:: PROVIDED RECORDS ::
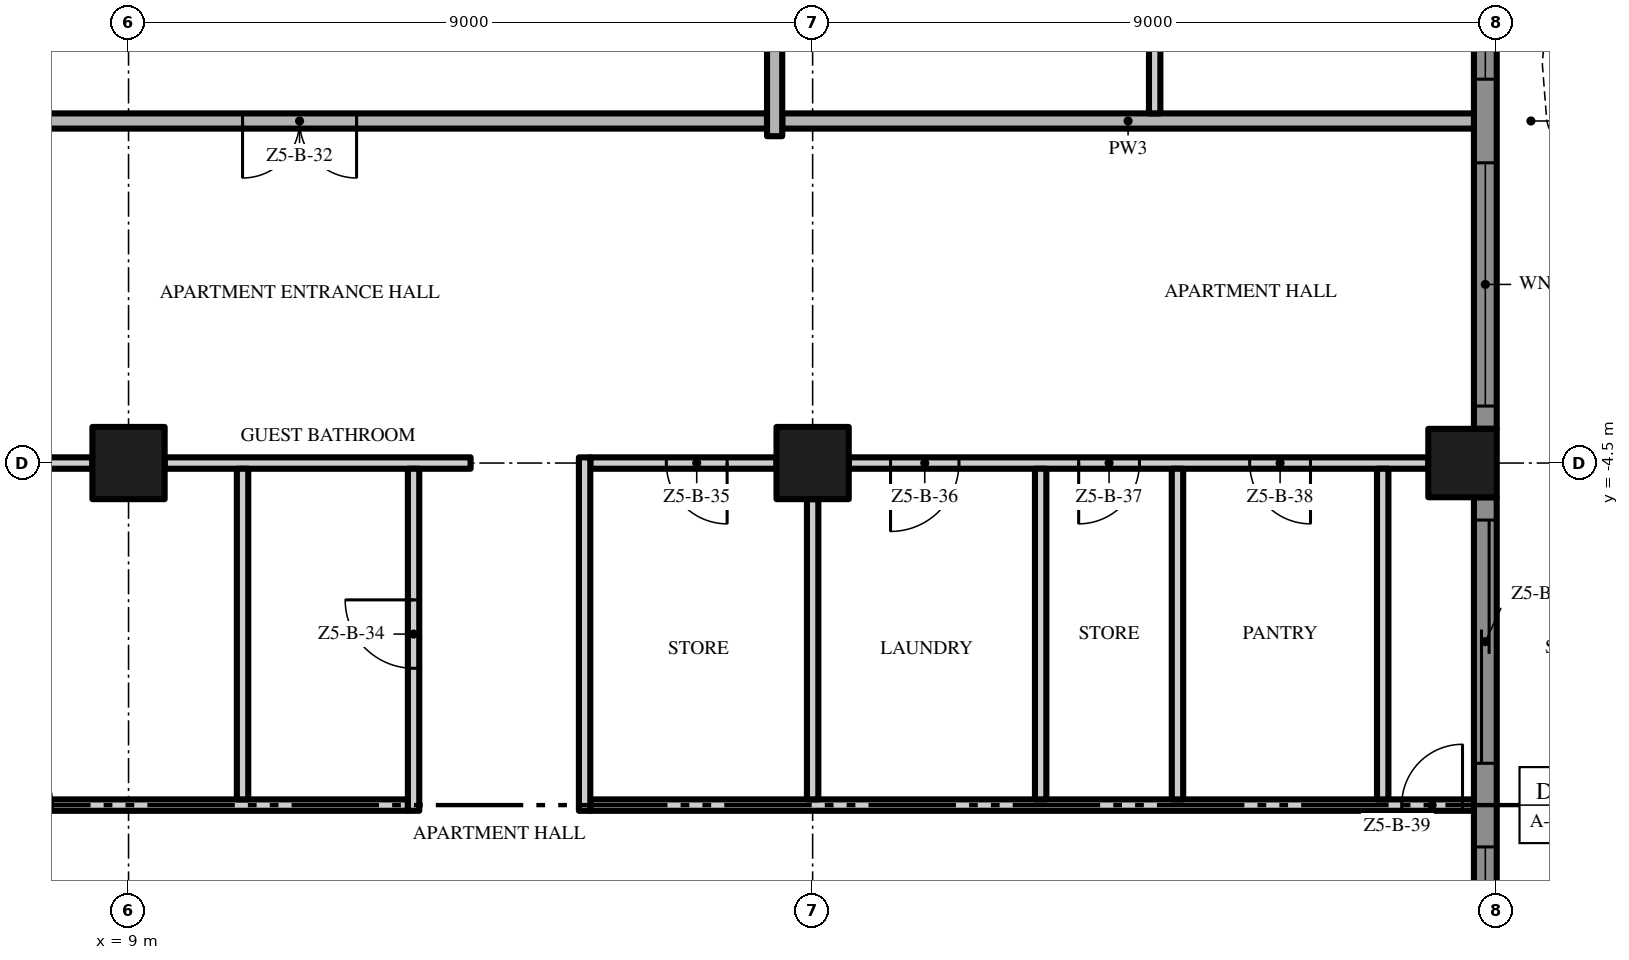
"""IFC4 building model, lengths in metres.
Left out: names, types, materials, properties, quantities, classifications, styles, units other than length and angle.
Written with IfcOpenShell. Run it as: python <this file> out.ifc"""

import sys

from ifc_helpers import new_model, si_unit, direction, frame, frame_2d, origin, origin_2d, place, context, subcontext, project, spatial, polyline, rectangle, outline, extrude, element, fill, save


model = new_model("IFC4")
c1 = context("Model", 3, precision=1e-05, world=origin(), true_north=direction((0.0, 1.0)))
c2 = subcontext(c1, "Body", "Model", "MODEL_VIEW")
j1 = project(units=[si_unit("LENGTHUNIT", "METRE"), si_unit("PLANEANGLEUNIT", "RADIAN")], contexts=[c1])
p1 = place(None, origin())
s1 = spatial("IfcSite", under=j1, at=p1, CompositionType="ELEMENT")
p2 = place(p1, origin())
s2 = spatial("IfcBuilding", under=s1, at=p2, CompositionType="ELEMENT")
p3 = place(p2, frame((0.0, 0.0, 257.8)))
s3 = spatial("IfcBuildingStorey", under=s2, at=p3, CompositionType="ELEMENT", Elevation=257.8)
p4 = place(p3, frame((18.0, -4.5, 0.0), z_axis=(0.0, 0.0, 1.0), x_axis=(1.0, 0.0, 0.0)))
e1 = element("IfcColumn", 1, at=p4, inside=s3, PredefinedType="COLUMN", context=c2, shape_type="SweptSolid", body=[
    extrude(rectangle(XDim=0.95, YDim=0.95, at=origin_2d()), origin(), (0.0, 0.0, 1.0), 3.5),
])
p5 = place(p3, frame((26.55, -4.5, 0.0), z_axis=(0.0, 0.0, 1.0), x_axis=(1.0, 0.0, 0.0)))
e2 = element("IfcColumn", 2, at=p5, inside=s3, PredefinedType="COLUMN", context=c2, shape_type="SweptSolid", body=[
    extrude(rectangle(XDim=0.9, YDim=0.9, at=origin_2d()), origin(), (0.0, 0.0, 1.0), 3.5),
])
p6 = place(p3, frame((9.0, -4.5, 0.0), z_axis=(0.0, 0.0, 1.0), x_axis=(1.0, 0.0, 0.0)))
e3 = element("IfcColumn", 3, at=p6, inside=s3, PredefinedType="COLUMN", context=c2, shape_type="SweptSolid", body=[
    extrude(rectangle(XDim=0.95, YDim=0.95, at=origin_2d()), origin(), (0.0, 0.0, 1.0), 3.5),
])
p7 = place(p3, frame((26.85, -4.95, 0.0), z_axis=(0.0, 0.0, 1.0), x_axis=(0.0, -1.0, 0.0)))
e4 = element("IfcWall", 4, at=p7, inside=s3, PredefinedType="SOLIDWALL", context=c2, shape_type="SweptSolid", body=[
    extrude(rectangle(XDim=8.1, YDim=0.3, at=frame_2d((4.05, 0.0))), origin(), (0.0, 0.0, 1.0), 3.5),
])
p8 = place(p7, frame((4.6, 0.0, 0.45)))
e5 = element("IfcOpeningElement", 5, at=p8, cuts=e4, PredefinedType="OPENING", context=c2, shape_type="SweptSolid", body=[
    extrude(rectangle(XDim=3.2, YDim=2.65, at=frame_2d((1.6, 1.325))), frame((0.0, 0.16, 0.0), z_axis=(0.0, -1.0, 0.0), x_axis=(1.0, 0.0, 0.0)), (0.0, 0.0, 1.0), 0.32),
])
p9 = place(p7, frame((0.3, 0.0, 0.0)))
e6 = element("IfcOpeningElement", 6, at=p9, cuts=e4, PredefinedType="OPENING", context=c2, shape_type="SweptSolid", body=[
    extrude(rectangle(XDim=3.2, YDim=2.4, at=frame_2d((1.6, 1.2))), frame((0.0, 0.16, 0.0), z_axis=(0.0, -1.0, 0.0), x_axis=(1.0, 0.0, 0.0)), (0.0, 0.0, 1.0), 0.32),
])
p10 = place(p3, frame((26.85, 4.05, 0.0), z_axis=(0.0, 0.0, 1.0), x_axis=(0.0, -1.0, 0.0)))
e7 = element("IfcWall", 7, at=p10, inside=s3, PredefinedType="SOLIDWALL", context=c2, shape_type="SweptSolid", body=[
    extrude(rectangle(XDim=8.1, YDim=0.3, at=frame_2d((4.05, 0.0))), origin(), (0.0, 0.0, 1.0), 3.5),
])
p11 = place(p10, frame((4.6, 0.0, 0.45)))
e8 = element("IfcOpeningElement", 8, at=p11, cuts=e7, PredefinedType="OPENING", context=c2, shape_type="SweptSolid", body=[
    extrude(rectangle(XDim=3.2, YDim=2.65, at=frame_2d((1.6, 1.325))), frame((0.0, 0.16, 0.0), z_axis=(0.0, -1.0, 0.0), x_axis=(1.0, 0.0, 0.0)), (0.0, 0.0, 1.0), 0.32),
])
p12 = place(p10, frame((0.3, 0.0, 0.45)))
e9 = element("IfcOpeningElement", 9, at=p12, cuts=e7, PredefinedType="OPENING", context=c2, shape_type="SweptSolid", body=[
    extrude(rectangle(XDim=3.2, YDim=2.65, at=frame_2d((1.6, 1.325))), frame((0.0, 0.16, 0.0), z_axis=(0.0, -1.0, 0.0), x_axis=(1.0, 0.0, 0.0)), (0.0, 0.0, 1.0), 0.32),
])
p13 = place(p3, origin())
e10 = element("IfcWall", 10, at=p13, inside=s3, PredefinedType="USERDEFINED", context=c2, shape_type="SweptSolid", body=[
    extrude(outline(polyline([(28.8, -18.0), (28.095, -16.5), (27.659, -15.0), (27.6, -14.25), (27.659, -13.5), (28.095, -12.0), (28.8, -10.5), (29.505, -9.0), (29.941, -7.5), (30.0, -6.75), (29.941, -6.0), (29.505, -4.5), (28.8, -3.0), (28.095, -1.5), (27.659, 0.0), (27.6, 0.75), (27.659, 1.5), (28.095, 3.0), (28.8, 4.5), (29.505, 6.0), (29.941, 7.5), (30.0, 8.25), (29.941, 9.0), (29.505, 10.5), (28.8, 12.0), (28.095, 13.5), (27.659, 15.0), (27.6, 15.75), (27.659, 16.5), (28.095, 18.0), (27.855, 18.07), (27.411, 16.545), (27.349, 15.75), (27.411, 14.955), (27.86, 13.411), (28.574, 11.894), (29.271, 10.411), (29.694, 8.955), (29.749, 8.25), (29.694, 7.545), (29.271, 6.089), (28.574, 4.606), (27.86, 3.089), (27.411, 1.545), (27.349, 0.75), (27.411, -0.045), (27.86, -1.589), (28.574, -3.106), (29.271, -4.589), (29.694, -6.045), (29.749, -6.75), (29.694, -7.455), (29.271, -8.911), (28.574, -10.394), (27.86, -11.911), (27.411, -13.455), (27.349, -14.25), (27.411, -15.045), (27.86, -16.589), (28.574, -18.106), (28.8, -18.0)])), origin(), (0.0, 0.0, 1.0), 0.9),
])
p14 = place(p3, frame((4.6, -9.0, 0.0), z_axis=(0.0, 0.0, 1.0), x_axis=(1.0, 0.0, 0.0)))
e11 = element("IfcWall", 11, at=p14, inside=s3, PredefinedType="PARTITIONING", context=c2, shape_type="SweptSolid", body=[
    extrude(rectangle(XDim=8.075, YDim=0.15, at=frame_2d((4.037, 0.0))), origin(), (0.0, 0.0, 1.0), 3.5),
])
p15 = place(p14, frame((2.4, 0.0, 0.0)))
e12 = element("IfcOpeningElement", 12, at=p15, cuts=e11, PredefinedType="OPENING", context=c2, shape_type="SweptSolid", body=[
    extrude(rectangle(XDim=1.0, YDim=2.4, at=frame_2d((0.5, 1.2))), frame((0.0, 0.085, 0.0), z_axis=(0.0, -1.0, 0.0), x_axis=(1.0, 0.0, 0.0)), (0.0, 0.0, 1.0), 0.17),
])
p16 = place(p3, frame((15.075, -9.0, 0.0), z_axis=(0.0, 0.0, 1.0), x_axis=(1.0, 0.0, 0.0)))
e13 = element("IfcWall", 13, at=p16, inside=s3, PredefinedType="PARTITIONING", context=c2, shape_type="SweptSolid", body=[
:::
[EXERCISE INSTRUCTIONS] Write down again, exactly as given, only the lines above that fall from the line with "p13 = place(p3, origin())" to the line with "p15 = place(p14, frame((2.4, 0.0, 0.0)))", inclusive.

[SOLUTION]
p13 = place(p3, origin())
e10 = element("IfcWall", 10, at=p13, inside=s3, PredefinedType="USERDEFINED", context=c2, shape_type="SweptSolid", body=[
    extrude(outline(polyline([(28.8, -18.0), (28.095, -16.5), (27.659, -15.0), (27.6, -14.25), (27.659, -13.5), (28.095, -12.0), (28.8, -10.5), (29.505, -9.0), (29.941, -7.5), (30.0, -6.75), (29.941, -6.0), (29.505, -4.5), (28.8, -3.0), (28.095, -1.5), (27.659, 0.0), (27.6, 0.75), (27.659, 1.5), (28.095, 3.0), (28.8, 4.5), (29.505, 6.0), (29.941, 7.5), (30.0, 8.25), (29.941, 9.0), (29.505, 10.5), (28.8, 12.0), (28.095, 13.5), (27.659, 15.0), (27.6, 15.75), (27.659, 16.5), (28.095, 18.0), (27.855, 18.07), (27.411, 16.545), (27.349, 15.75), (27.411, 14.955), (27.86, 13.411), (28.574, 11.894), (29.271, 10.411), (29.694, 8.955), (29.749, 8.25), (29.694, 7.545), (29.271, 6.089), (28.574, 4.606), (27.86, 3.089), (27.411, 1.545), (27.349, 0.75), (27.411, -0.045), (27.86, -1.589), (28.574, -3.106), (29.271, -4.589), (29.694, -6.045), (29.749, -6.75), (29.694, -7.455), (29.271, -8.911), (28.574, -10.394), (27.86, -11.911), (27.411, -13.455), (27.349, -14.25), (27.411, -15.045), (27.86, -16.589), (28.574, -18.106), (28.8, -18.0)])), origin(), (0.0, 0.0, 1.0), 0.9),
])
p14 = place(p3, frame((4.6, -9.0, 0.0), z_axis=(0.0, 0.0, 1.0), x_axis=(1.0, 0.0, 0.0)))
e11 = element("IfcWall", 11, at=p14, inside=s3, PredefinedType="PARTITIONING", context=c2, shape_type="SweptSolid", body=[
    extrude(rectangle(XDim=8.075, YDim=0.15, at=frame_2d((4.037, 0.0))), origin(), (0.0, 0.0, 1.0), 3.5),
])
p15 = place(p14, frame((2.4, 0.0, 0.0)))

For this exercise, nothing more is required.